## WORK TO COMPLETE
Some lines below hold "project". Pick them out and copy them.

Top of EXERCISE MATERIALS

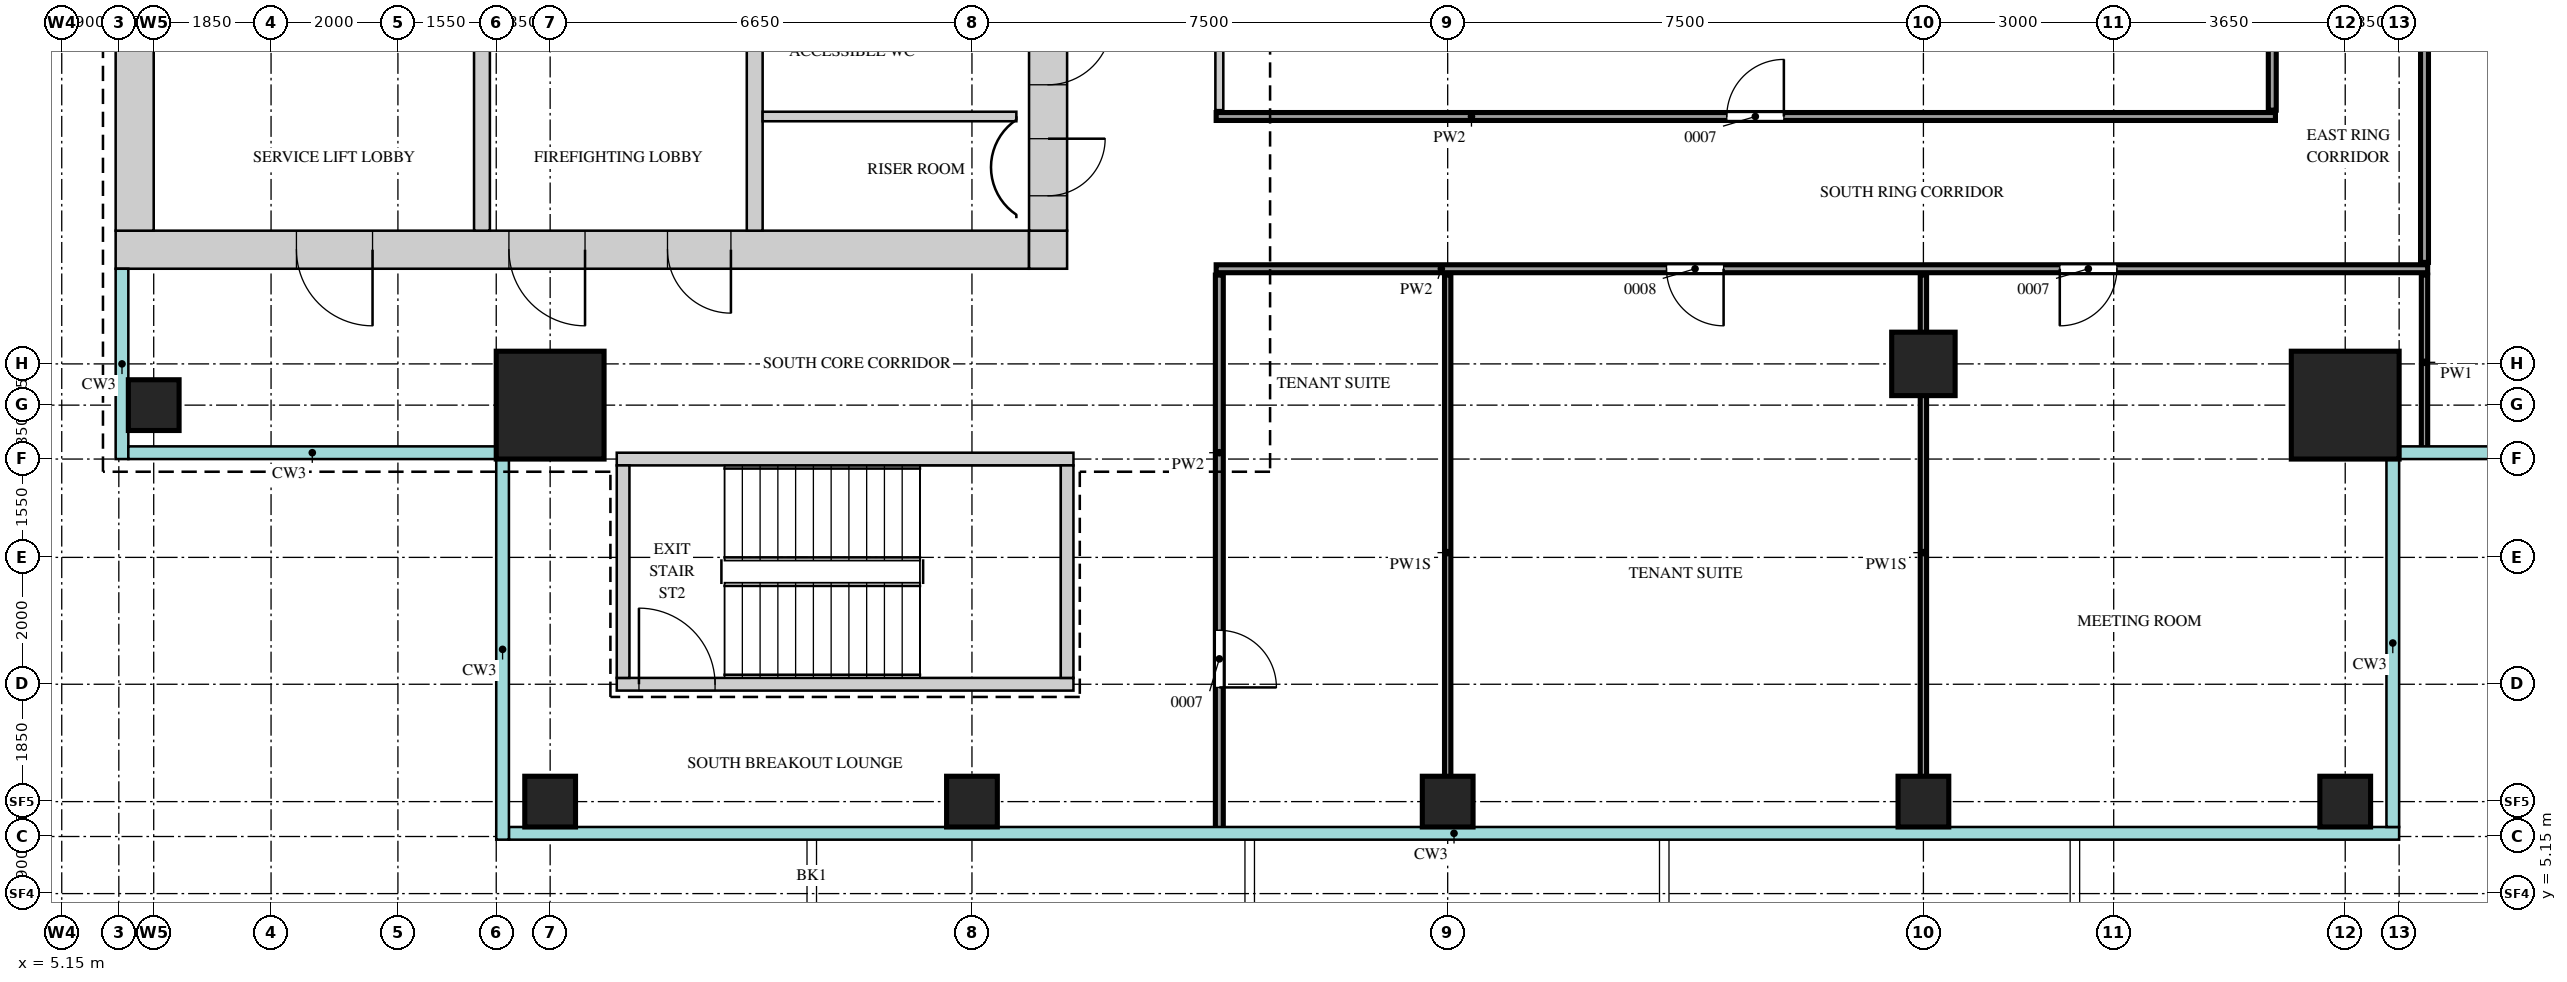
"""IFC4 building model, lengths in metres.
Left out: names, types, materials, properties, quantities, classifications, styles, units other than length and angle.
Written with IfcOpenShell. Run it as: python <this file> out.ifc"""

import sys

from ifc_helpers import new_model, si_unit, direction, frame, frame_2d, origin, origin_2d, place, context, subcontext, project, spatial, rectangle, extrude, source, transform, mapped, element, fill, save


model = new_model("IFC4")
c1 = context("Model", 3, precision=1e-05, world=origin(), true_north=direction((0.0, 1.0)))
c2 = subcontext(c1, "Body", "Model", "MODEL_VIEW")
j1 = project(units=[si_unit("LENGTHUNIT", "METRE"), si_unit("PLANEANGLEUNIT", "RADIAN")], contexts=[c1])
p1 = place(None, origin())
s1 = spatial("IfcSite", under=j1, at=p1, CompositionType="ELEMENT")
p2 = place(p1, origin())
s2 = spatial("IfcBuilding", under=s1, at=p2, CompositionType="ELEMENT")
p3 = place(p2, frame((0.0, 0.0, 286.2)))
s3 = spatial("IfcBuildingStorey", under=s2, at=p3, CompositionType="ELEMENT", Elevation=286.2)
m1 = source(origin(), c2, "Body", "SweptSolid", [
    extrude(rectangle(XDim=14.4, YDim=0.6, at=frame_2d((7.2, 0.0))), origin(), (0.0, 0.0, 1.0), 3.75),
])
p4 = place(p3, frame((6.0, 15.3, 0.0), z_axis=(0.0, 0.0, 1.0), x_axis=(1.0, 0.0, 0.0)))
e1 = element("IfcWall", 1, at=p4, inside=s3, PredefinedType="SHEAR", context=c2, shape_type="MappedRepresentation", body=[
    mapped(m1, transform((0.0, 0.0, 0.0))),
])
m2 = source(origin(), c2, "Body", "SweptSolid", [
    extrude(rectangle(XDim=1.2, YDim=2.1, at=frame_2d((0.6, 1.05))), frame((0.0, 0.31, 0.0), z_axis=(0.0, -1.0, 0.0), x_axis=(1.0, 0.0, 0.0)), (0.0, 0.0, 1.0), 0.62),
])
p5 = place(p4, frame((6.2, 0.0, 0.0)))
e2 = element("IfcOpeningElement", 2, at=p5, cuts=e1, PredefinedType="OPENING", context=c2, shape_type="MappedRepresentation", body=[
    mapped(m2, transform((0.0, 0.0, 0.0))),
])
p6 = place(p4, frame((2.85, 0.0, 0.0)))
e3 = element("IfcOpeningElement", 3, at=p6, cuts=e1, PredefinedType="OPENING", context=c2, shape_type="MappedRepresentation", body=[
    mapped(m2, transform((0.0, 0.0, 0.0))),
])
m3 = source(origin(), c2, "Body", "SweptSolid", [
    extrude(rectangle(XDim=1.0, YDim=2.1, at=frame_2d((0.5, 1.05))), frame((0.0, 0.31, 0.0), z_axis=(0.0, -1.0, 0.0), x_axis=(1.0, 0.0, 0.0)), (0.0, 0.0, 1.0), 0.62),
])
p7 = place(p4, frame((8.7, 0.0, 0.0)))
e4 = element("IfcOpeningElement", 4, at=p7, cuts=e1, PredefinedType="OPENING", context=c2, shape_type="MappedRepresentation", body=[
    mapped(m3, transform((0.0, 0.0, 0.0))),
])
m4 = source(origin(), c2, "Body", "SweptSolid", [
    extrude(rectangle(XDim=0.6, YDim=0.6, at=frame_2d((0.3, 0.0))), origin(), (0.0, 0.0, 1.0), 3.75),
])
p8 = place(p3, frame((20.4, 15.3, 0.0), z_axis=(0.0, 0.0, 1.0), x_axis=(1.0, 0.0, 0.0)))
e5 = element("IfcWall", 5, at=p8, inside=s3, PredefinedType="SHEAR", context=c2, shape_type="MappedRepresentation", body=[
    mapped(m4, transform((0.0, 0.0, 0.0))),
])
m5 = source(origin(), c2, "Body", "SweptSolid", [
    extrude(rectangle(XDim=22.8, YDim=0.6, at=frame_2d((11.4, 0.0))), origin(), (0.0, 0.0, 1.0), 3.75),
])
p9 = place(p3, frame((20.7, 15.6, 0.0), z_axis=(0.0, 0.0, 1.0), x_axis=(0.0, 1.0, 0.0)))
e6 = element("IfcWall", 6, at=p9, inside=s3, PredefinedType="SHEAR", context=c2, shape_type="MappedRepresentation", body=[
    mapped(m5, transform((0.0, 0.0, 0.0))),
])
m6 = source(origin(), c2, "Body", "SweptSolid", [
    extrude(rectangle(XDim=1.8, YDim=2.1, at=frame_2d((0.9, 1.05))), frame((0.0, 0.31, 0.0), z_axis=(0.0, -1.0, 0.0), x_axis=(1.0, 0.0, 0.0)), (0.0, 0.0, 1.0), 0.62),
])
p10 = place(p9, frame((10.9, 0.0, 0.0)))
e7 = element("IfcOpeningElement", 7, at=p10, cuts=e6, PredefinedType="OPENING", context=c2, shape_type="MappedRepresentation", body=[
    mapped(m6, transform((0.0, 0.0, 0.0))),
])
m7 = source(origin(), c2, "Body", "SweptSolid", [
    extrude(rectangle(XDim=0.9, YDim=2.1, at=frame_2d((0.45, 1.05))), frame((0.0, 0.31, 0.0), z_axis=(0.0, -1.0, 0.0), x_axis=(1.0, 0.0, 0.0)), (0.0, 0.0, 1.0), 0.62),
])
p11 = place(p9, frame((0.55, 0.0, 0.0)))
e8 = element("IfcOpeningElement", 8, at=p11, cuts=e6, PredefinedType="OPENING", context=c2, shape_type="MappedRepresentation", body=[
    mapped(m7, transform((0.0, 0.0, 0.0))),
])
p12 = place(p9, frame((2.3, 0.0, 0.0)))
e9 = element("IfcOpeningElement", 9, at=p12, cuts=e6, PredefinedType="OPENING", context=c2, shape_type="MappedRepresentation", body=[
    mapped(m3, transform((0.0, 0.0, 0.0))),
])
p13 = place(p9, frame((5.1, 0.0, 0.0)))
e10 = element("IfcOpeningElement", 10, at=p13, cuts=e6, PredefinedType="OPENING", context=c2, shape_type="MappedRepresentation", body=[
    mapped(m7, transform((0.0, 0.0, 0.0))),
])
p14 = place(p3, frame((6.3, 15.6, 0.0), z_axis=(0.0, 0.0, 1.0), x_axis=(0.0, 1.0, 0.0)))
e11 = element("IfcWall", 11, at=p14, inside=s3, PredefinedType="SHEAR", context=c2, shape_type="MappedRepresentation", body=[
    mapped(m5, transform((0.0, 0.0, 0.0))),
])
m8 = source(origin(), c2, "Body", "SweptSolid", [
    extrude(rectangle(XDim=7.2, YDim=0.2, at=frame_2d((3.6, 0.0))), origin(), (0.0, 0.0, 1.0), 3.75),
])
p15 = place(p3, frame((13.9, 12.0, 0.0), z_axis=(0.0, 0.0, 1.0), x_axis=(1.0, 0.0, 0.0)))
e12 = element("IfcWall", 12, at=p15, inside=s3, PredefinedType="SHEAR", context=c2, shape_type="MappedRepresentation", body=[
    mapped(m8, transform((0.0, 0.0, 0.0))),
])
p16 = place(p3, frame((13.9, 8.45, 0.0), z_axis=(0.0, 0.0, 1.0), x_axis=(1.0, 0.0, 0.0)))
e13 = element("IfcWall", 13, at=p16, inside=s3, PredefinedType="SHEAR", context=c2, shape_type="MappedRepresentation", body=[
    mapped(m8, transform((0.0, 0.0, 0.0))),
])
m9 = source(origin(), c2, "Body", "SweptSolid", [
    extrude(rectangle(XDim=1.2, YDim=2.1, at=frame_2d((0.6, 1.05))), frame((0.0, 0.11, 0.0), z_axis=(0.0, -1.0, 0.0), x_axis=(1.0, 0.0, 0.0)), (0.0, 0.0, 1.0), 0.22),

Bottom of EXERCISE MATERIALS

## WRITTEN RESPONSE
from ifc_helpers import new_model, si_unit, direction, frame, frame_2d, origin, origin_2d, place, context, subcontext, project, spatial, rectangle, extrude, source, transform, mapped, element, fill, save
j1 = project(units=[si_unit("LENGTHUNIT", "METRE"), si_unit("PLANEANGLEUNIT", "RADIAN")], contexts=[c1])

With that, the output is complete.